Work instructions: Between the line containing "#108=CARTESIAN_POINT('',(160.,0.,0.));" and the line containing "#155=EDGE_CURVE('E406',#148,#116,#154,.T.);" lies a run of lines; give that run again exactly, with both of those lines, and nothing else from the entries below.

[Records from a collection]
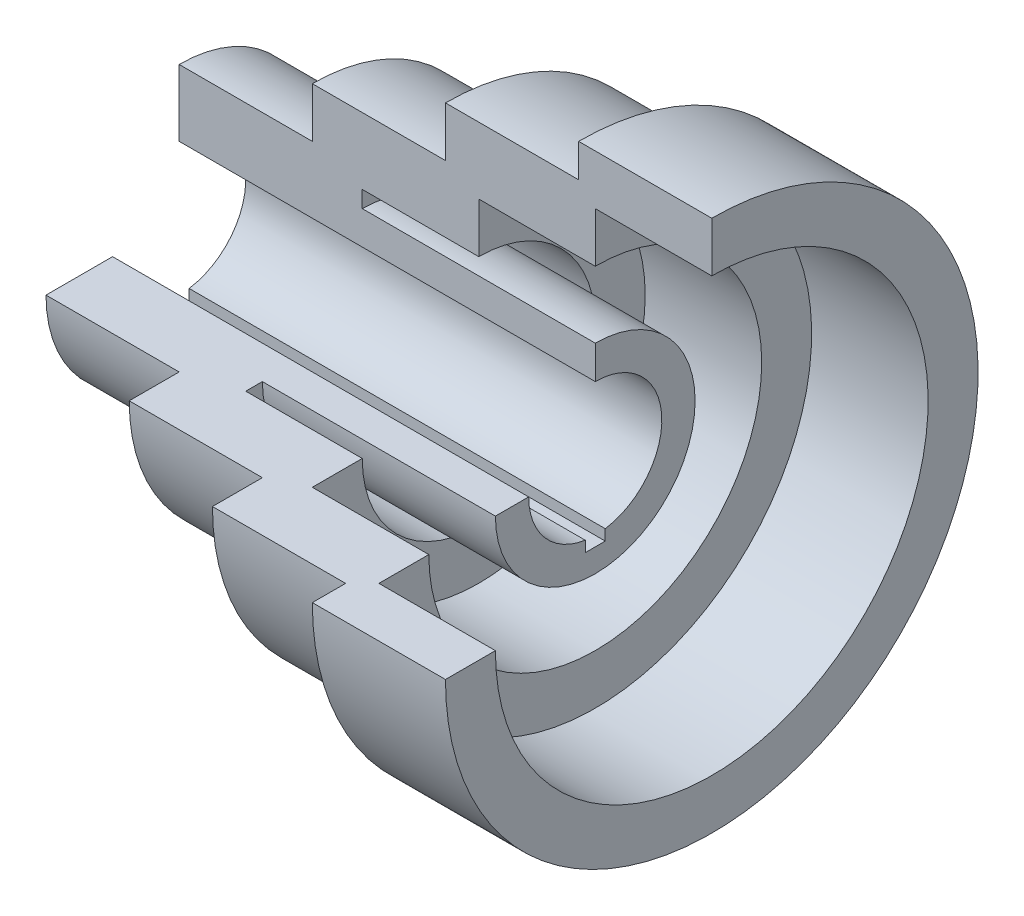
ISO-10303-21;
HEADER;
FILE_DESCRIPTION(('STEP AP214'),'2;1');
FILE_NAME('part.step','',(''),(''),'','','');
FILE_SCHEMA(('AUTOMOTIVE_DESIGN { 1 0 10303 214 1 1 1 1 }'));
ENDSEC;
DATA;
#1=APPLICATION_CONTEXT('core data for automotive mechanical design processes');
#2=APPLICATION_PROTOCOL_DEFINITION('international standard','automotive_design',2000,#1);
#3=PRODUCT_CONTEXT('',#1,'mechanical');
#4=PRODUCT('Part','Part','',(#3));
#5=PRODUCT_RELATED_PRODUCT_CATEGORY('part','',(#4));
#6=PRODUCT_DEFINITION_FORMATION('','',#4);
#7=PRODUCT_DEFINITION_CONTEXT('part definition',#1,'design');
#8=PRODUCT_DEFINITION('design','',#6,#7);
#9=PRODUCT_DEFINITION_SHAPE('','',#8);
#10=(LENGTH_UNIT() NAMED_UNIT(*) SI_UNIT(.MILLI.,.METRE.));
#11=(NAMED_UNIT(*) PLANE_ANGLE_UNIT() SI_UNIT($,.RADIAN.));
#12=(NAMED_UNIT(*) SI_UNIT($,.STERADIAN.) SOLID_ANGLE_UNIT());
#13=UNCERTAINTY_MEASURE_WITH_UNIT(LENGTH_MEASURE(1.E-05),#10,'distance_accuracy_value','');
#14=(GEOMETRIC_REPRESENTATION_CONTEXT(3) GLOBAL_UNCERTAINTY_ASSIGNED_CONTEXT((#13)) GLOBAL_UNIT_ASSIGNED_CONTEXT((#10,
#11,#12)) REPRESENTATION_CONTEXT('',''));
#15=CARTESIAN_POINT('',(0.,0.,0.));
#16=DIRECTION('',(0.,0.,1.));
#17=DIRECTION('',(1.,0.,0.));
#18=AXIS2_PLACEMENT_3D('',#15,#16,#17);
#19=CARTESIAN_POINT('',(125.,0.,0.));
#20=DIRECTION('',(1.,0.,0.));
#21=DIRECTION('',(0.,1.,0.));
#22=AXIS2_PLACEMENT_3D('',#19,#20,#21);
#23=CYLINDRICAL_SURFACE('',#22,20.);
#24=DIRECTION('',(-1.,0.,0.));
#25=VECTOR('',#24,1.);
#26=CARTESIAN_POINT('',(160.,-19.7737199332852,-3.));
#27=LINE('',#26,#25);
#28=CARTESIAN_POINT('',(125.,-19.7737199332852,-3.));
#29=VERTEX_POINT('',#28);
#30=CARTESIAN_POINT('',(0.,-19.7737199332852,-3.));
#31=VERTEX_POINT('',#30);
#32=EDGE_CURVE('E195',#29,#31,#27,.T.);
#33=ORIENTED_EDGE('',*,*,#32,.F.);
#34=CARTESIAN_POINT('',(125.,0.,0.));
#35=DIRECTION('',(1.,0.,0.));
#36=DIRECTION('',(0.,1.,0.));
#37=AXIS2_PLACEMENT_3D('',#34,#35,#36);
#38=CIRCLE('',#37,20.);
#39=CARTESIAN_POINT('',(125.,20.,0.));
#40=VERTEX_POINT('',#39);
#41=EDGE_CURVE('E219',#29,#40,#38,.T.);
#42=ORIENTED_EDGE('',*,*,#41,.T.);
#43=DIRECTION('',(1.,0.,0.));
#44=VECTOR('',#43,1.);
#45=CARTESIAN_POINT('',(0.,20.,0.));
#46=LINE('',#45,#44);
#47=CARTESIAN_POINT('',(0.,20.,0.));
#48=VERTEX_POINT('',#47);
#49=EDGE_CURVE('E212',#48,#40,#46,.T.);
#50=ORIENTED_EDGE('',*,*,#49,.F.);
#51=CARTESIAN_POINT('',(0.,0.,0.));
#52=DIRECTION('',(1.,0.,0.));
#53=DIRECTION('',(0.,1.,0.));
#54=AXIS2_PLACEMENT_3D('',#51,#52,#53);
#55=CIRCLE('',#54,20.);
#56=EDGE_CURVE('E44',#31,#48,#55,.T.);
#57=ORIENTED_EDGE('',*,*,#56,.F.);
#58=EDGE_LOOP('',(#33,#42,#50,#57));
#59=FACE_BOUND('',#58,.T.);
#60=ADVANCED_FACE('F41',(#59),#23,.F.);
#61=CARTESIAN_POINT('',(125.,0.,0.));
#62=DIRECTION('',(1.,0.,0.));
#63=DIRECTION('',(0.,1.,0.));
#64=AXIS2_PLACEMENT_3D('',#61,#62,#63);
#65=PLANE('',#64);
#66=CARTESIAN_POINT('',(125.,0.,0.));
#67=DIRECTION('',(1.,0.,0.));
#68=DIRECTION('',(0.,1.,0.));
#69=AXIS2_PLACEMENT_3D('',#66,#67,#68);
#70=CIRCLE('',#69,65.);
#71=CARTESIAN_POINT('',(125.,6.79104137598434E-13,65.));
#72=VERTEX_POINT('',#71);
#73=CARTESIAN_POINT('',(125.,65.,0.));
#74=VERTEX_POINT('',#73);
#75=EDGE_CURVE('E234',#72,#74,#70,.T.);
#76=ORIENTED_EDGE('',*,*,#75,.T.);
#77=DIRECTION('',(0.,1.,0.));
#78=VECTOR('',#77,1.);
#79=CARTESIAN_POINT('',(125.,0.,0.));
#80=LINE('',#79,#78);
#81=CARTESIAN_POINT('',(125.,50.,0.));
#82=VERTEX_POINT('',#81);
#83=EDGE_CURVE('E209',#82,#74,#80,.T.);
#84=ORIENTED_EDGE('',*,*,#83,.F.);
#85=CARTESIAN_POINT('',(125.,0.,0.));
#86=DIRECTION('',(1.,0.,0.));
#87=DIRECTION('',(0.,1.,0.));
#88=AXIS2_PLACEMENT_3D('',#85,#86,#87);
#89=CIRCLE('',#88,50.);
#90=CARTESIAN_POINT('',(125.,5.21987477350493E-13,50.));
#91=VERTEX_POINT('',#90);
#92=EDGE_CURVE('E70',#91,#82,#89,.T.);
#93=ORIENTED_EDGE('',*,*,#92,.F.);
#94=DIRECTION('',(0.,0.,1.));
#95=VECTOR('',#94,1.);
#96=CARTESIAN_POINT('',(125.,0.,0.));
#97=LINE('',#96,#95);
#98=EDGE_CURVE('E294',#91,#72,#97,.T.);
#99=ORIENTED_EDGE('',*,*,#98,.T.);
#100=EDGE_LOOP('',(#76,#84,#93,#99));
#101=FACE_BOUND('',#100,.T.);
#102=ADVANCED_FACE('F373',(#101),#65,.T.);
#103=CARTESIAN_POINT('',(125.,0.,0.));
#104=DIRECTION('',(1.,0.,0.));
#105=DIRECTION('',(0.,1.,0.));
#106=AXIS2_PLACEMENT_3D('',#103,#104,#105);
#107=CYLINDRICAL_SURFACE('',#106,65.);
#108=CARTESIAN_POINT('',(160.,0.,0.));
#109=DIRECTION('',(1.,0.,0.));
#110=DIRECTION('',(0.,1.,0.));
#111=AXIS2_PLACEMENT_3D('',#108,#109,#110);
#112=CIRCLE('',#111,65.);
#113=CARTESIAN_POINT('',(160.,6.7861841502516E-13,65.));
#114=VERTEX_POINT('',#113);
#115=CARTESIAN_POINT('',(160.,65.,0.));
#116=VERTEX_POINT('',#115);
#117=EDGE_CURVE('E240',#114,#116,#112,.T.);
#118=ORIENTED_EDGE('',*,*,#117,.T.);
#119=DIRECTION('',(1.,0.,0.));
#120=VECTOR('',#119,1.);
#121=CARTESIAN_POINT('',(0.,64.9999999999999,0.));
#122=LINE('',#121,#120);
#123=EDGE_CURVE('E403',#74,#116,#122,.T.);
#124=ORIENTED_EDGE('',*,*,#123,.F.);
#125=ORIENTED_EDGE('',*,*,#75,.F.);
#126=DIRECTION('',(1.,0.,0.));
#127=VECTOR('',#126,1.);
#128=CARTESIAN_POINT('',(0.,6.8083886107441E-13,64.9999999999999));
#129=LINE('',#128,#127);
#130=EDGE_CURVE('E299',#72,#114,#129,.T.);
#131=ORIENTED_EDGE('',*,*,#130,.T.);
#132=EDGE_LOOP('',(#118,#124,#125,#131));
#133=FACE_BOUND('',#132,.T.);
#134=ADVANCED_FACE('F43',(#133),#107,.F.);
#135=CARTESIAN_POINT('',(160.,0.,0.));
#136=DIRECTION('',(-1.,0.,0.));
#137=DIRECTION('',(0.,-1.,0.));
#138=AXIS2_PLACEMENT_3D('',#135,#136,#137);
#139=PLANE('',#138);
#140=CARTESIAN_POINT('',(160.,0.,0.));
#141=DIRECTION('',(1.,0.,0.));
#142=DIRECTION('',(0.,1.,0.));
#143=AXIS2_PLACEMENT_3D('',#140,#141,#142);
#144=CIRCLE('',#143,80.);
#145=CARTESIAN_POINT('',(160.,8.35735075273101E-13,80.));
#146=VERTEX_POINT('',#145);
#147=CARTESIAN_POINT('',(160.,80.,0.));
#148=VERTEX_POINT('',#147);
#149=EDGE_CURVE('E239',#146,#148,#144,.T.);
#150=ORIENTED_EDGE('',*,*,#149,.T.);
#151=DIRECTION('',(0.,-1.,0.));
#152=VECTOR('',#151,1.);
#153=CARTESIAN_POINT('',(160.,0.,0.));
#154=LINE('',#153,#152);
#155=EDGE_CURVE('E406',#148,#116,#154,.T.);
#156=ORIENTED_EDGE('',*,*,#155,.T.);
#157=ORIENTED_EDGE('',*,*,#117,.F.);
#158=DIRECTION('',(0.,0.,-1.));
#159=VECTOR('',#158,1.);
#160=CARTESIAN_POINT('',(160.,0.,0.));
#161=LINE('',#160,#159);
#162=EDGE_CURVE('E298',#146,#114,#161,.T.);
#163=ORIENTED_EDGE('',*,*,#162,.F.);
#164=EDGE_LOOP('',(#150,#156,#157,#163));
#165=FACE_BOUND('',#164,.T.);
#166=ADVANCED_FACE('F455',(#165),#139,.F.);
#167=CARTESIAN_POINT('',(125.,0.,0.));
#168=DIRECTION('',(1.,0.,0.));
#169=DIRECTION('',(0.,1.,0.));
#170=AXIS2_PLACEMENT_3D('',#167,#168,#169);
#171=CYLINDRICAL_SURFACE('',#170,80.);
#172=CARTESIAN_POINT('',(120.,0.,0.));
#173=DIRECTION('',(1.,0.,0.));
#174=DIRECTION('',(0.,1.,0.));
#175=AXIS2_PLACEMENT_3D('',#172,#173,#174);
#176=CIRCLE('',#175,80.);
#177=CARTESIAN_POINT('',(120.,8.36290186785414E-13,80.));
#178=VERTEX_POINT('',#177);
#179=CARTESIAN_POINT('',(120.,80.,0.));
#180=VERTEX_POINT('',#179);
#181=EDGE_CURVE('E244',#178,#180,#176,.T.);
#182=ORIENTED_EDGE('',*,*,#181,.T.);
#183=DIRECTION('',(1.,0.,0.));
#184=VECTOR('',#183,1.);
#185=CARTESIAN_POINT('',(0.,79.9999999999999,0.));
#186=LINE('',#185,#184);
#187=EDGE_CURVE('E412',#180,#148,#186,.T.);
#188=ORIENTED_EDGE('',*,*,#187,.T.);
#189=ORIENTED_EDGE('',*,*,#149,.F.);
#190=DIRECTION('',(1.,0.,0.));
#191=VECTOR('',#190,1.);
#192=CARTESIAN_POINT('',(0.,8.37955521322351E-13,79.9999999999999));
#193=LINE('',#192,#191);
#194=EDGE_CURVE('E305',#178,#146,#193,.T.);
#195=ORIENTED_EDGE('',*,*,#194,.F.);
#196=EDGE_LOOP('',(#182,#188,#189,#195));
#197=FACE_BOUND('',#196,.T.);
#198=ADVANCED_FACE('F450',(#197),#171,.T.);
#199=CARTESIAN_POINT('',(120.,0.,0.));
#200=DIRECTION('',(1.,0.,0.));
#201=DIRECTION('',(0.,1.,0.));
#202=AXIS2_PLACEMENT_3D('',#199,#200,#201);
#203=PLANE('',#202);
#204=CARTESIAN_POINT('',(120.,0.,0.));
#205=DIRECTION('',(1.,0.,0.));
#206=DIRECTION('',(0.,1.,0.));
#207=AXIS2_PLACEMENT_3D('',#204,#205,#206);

Solution below:
#108=CARTESIAN_POINT('',(160.,0.,0.));
#109=DIRECTION('',(1.,0.,0.));
#110=DIRECTION('',(0.,1.,0.));
#111=AXIS2_PLACEMENT_3D('',#108,#109,#110);
#112=CIRCLE('',#111,65.);
#113=CARTESIAN_POINT('',(160.,6.7861841502516E-13,65.));
#114=VERTEX_POINT('',#113);
#115=CARTESIAN_POINT('',(160.,65.,0.));
#116=VERTEX_POINT('',#115);
#117=EDGE_CURVE('E240',#114,#116,#112,.T.);
#118=ORIENTED_EDGE('',*,*,#117,.T.);
#119=DIRECTION('',(1.,0.,0.));
#120=VECTOR('',#119,1.);
#121=CARTESIAN_POINT('',(0.,64.9999999999999,0.));
#122=LINE('',#121,#120);
#123=EDGE_CURVE('E403',#74,#116,#122,.T.);
#124=ORIENTED_EDGE('',*,*,#123,.F.);
#125=ORIENTED_EDGE('',*,*,#75,.F.);
#126=DIRECTION('',(1.,0.,0.));
#127=VECTOR('',#126,1.);
#128=CARTESIAN_POINT('',(0.,6.8083886107441E-13,64.9999999999999));
#129=LINE('',#128,#127);
#130=EDGE_CURVE('E299',#72,#114,#129,.T.);
#131=ORIENTED_EDGE('',*,*,#130,.T.);
#132=EDGE_LOOP('',(#118,#124,#125,#131));
#133=FACE_BOUND('',#132,.T.);
#134=ADVANCED_FACE('F43',(#133),#107,.F.);
#135=CARTESIAN_POINT('',(160.,0.,0.));
#136=DIRECTION('',(-1.,0.,0.));
#137=DIRECTION('',(0.,-1.,0.));
#138=AXIS2_PLACEMENT_3D('',#135,#136,#137);
#139=PLANE('',#138);
#140=CARTESIAN_POINT('',(160.,0.,0.));
#141=DIRECTION('',(1.,0.,0.));
#142=DIRECTION('',(0.,1.,0.));
#143=AXIS2_PLACEMENT_3D('',#140,#141,#142);
#144=CIRCLE('',#143,80.);
#145=CARTESIAN_POINT('',(160.,8.35735075273101E-13,80.));
#146=VERTEX_POINT('',#145);
#147=CARTESIAN_POINT('',(160.,80.,0.));
#148=VERTEX_POINT('',#147);
#149=EDGE_CURVE('E239',#146,#148,#144,.T.);
#150=ORIENTED_EDGE('',*,*,#149,.T.);
#151=DIRECTION('',(0.,-1.,0.));
#152=VECTOR('',#151,1.);
#153=CARTESIAN_POINT('',(160.,0.,0.));
#154=LINE('',#153,#152);
#155=EDGE_CURVE('E406',#148,#116,#154,.T.);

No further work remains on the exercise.